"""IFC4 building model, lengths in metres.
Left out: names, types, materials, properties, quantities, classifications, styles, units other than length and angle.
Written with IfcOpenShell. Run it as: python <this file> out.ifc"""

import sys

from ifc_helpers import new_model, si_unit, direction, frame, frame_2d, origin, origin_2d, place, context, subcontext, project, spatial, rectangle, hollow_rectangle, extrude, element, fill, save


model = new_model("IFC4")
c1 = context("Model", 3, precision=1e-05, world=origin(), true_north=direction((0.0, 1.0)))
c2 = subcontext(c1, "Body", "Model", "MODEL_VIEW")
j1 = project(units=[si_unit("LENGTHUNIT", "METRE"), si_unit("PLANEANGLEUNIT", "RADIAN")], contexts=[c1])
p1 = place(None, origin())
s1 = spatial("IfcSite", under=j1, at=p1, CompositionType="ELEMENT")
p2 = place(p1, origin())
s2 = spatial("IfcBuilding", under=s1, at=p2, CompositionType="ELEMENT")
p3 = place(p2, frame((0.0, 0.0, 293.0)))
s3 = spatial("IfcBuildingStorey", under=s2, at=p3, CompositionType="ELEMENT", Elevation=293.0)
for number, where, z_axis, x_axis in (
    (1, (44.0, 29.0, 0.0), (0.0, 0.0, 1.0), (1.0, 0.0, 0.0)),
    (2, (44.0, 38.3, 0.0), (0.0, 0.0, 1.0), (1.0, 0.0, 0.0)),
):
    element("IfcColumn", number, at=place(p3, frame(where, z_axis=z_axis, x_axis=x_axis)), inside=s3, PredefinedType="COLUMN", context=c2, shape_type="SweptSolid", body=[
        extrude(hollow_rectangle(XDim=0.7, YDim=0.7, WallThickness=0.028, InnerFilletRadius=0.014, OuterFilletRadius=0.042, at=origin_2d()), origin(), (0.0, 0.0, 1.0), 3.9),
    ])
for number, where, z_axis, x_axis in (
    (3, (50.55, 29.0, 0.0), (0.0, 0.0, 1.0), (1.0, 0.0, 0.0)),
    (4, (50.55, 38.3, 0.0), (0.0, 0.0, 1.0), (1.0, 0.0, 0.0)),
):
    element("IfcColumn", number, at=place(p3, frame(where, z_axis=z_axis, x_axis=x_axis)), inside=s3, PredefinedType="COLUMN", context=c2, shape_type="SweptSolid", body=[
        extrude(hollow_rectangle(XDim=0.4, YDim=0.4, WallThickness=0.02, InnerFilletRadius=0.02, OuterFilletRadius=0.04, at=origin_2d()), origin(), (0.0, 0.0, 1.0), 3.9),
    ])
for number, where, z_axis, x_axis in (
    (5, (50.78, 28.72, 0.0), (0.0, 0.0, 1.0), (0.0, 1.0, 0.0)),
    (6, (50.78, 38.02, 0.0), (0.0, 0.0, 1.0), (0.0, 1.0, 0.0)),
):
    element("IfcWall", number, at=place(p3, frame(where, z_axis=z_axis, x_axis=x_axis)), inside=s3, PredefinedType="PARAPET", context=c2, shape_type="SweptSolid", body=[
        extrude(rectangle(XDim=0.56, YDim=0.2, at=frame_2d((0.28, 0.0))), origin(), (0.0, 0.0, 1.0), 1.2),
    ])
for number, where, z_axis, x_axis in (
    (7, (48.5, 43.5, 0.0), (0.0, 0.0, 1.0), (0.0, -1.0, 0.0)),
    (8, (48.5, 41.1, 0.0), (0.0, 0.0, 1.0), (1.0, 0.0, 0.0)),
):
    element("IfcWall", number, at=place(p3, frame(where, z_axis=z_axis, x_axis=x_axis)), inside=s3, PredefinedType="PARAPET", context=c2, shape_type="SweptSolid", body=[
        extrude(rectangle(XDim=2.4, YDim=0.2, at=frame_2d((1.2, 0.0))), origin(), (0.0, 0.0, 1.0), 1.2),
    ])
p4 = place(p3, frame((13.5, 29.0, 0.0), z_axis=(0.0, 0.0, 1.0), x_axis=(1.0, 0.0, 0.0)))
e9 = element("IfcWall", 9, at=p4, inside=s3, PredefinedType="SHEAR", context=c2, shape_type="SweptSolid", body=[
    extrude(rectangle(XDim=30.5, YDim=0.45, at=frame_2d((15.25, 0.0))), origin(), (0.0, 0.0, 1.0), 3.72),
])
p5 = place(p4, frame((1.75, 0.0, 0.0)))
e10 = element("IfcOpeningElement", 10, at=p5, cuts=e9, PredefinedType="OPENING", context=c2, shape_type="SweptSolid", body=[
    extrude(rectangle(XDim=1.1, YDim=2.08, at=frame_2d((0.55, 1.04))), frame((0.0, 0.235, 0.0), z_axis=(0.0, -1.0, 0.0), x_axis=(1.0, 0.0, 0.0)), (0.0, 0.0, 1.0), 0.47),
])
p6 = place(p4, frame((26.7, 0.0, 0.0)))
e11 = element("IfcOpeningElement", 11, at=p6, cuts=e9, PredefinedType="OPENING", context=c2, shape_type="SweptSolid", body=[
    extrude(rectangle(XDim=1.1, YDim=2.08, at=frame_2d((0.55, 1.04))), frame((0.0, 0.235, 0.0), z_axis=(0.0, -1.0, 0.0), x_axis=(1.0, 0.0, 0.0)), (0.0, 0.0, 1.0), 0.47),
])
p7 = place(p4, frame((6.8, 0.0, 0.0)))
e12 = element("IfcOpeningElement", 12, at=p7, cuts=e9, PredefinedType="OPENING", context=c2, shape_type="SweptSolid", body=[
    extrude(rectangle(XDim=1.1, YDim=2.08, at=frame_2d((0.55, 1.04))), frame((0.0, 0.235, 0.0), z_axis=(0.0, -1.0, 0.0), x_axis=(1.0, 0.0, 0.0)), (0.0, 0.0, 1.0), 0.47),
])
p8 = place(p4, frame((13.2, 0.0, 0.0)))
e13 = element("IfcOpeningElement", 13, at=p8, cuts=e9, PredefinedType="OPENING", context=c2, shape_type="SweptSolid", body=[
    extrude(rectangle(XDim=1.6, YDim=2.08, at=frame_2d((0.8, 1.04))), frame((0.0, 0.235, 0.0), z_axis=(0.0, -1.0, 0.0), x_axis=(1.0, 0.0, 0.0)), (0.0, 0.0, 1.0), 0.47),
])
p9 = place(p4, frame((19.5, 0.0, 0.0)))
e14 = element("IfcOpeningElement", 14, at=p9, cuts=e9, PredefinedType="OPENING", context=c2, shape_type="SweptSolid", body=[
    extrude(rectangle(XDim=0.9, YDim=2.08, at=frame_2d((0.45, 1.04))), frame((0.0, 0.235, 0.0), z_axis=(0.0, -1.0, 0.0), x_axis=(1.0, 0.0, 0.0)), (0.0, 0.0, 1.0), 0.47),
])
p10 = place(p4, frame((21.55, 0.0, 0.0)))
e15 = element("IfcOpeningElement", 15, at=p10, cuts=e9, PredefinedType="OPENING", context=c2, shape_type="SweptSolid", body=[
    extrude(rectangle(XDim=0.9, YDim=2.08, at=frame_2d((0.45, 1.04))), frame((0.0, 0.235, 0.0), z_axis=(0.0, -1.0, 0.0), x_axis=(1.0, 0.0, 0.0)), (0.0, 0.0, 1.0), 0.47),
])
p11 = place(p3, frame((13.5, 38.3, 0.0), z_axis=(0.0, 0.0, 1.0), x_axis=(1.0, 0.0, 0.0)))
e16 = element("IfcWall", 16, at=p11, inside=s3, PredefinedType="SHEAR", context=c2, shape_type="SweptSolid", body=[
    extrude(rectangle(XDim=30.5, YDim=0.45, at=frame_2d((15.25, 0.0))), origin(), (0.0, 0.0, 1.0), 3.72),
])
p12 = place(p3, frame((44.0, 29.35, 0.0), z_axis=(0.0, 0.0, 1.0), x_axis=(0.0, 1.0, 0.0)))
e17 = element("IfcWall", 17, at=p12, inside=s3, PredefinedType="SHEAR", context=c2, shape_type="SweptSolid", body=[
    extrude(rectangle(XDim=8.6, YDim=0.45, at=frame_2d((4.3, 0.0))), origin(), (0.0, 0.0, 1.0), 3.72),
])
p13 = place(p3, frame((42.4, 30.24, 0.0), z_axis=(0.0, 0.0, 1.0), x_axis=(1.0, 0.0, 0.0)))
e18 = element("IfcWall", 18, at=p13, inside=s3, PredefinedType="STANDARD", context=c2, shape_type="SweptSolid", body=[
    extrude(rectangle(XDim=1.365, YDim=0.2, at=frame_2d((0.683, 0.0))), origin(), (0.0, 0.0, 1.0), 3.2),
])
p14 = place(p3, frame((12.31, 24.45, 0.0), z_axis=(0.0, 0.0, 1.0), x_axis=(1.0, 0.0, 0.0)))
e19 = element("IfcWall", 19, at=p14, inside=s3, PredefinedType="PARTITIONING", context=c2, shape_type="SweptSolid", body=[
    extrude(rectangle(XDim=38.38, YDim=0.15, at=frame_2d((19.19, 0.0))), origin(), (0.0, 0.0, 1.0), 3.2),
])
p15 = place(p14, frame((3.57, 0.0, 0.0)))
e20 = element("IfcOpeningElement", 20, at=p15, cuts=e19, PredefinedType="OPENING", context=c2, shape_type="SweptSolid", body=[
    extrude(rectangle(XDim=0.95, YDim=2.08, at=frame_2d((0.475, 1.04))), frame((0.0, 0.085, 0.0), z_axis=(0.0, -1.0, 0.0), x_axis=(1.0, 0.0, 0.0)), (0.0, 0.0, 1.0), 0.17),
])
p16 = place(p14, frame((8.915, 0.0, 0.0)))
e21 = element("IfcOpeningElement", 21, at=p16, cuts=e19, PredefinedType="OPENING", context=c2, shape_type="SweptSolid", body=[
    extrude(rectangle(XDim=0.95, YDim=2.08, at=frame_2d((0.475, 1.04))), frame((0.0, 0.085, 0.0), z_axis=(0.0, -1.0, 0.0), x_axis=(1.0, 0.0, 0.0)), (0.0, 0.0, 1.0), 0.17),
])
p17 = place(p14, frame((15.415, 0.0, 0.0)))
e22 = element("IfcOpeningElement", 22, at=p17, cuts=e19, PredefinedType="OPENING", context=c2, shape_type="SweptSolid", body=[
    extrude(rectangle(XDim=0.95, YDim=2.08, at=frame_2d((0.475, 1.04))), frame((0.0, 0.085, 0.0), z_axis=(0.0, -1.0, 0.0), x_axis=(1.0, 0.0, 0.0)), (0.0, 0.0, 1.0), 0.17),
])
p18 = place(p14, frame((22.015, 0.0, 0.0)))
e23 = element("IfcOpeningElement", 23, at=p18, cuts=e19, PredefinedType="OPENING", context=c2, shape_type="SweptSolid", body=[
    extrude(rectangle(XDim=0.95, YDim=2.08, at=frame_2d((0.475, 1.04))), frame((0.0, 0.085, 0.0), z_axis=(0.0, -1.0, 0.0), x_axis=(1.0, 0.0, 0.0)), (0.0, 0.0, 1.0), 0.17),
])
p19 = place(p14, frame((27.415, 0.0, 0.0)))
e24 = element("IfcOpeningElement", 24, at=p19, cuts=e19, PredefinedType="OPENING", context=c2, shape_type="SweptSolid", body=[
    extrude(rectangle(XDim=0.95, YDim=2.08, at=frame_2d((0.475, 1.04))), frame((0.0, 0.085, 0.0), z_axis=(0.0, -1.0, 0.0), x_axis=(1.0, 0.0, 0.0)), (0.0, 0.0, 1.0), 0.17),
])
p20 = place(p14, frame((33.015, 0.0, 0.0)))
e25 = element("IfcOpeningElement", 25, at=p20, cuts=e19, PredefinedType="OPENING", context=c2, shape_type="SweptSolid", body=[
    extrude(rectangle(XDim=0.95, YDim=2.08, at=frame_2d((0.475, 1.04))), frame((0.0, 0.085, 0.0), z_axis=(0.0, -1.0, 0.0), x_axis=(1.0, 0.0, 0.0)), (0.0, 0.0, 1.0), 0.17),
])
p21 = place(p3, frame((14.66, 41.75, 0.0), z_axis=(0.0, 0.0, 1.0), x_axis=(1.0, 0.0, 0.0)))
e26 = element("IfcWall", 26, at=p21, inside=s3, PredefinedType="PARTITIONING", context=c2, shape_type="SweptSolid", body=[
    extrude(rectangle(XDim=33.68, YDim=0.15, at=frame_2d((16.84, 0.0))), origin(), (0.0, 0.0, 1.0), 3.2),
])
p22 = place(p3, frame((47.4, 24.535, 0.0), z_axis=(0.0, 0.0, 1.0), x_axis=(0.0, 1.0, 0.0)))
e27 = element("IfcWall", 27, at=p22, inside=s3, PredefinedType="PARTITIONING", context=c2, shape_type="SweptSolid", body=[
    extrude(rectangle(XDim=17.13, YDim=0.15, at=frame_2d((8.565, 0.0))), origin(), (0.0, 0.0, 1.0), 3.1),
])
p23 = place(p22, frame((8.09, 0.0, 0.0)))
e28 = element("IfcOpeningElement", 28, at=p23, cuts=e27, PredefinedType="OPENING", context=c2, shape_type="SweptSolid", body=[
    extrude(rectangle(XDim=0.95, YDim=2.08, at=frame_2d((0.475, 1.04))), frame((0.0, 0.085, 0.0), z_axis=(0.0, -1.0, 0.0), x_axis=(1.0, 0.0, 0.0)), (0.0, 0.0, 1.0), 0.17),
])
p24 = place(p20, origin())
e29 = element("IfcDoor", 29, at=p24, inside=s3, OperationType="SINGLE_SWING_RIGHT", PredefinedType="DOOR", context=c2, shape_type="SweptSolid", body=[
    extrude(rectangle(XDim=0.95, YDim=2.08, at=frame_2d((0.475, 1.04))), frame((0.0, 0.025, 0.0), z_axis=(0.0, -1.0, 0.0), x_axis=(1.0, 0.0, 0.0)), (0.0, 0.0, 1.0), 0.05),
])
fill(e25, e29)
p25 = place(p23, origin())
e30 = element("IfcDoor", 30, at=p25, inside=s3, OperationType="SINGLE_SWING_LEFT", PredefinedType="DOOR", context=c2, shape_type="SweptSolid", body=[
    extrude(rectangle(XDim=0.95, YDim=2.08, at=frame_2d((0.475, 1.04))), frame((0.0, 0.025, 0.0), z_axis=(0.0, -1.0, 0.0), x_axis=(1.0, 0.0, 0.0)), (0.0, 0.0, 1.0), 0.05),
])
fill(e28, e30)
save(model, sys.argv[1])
● ● ● ●
| Problem description |
The response must repeat exactly the lines from the top of the material through the line containing "p3 = place(p2, frame((0.0, 0.0, 293.0)))", both included, with no other output.

| Exercise answer |
"""IFC4 building model, lengths in metres.
Left out: names, types, materials, properties, quantities, classifications, styles, units other than length and angle.
Written with IfcOpenShell. Run it as: python <this file> out.ifc"""

import sys

from ifc_helpers import new_model, si_unit, direction, frame, frame_2d, origin, origin_2d, place, context, subcontext, project, spatial, rectangle, hollow_rectangle, extrude, element, fill, save


model = new_model("IFC4")
c1 = context("Model", 3, precision=1e-05, world=origin(), true_north=direction((0.0, 1.0)))
c2 = subcontext(c1, "Body", "Model", "MODEL_VIEW")
j1 = project(units=[si_unit("LENGTHUNIT", "METRE"), si_unit("PLANEANGLEUNIT", "RADIAN")], contexts=[c1])
p1 = place(None, origin())
s1 = spatial("IfcSite", under=j1, at=p1, CompositionType="ELEMENT")
p2 = place(p1, origin())
s2 = spatial("IfcBuilding", under=s1, at=p2, CompositionType="ELEMENT")
p3 = place(p2, frame((0.0, 0.0, 293.0)))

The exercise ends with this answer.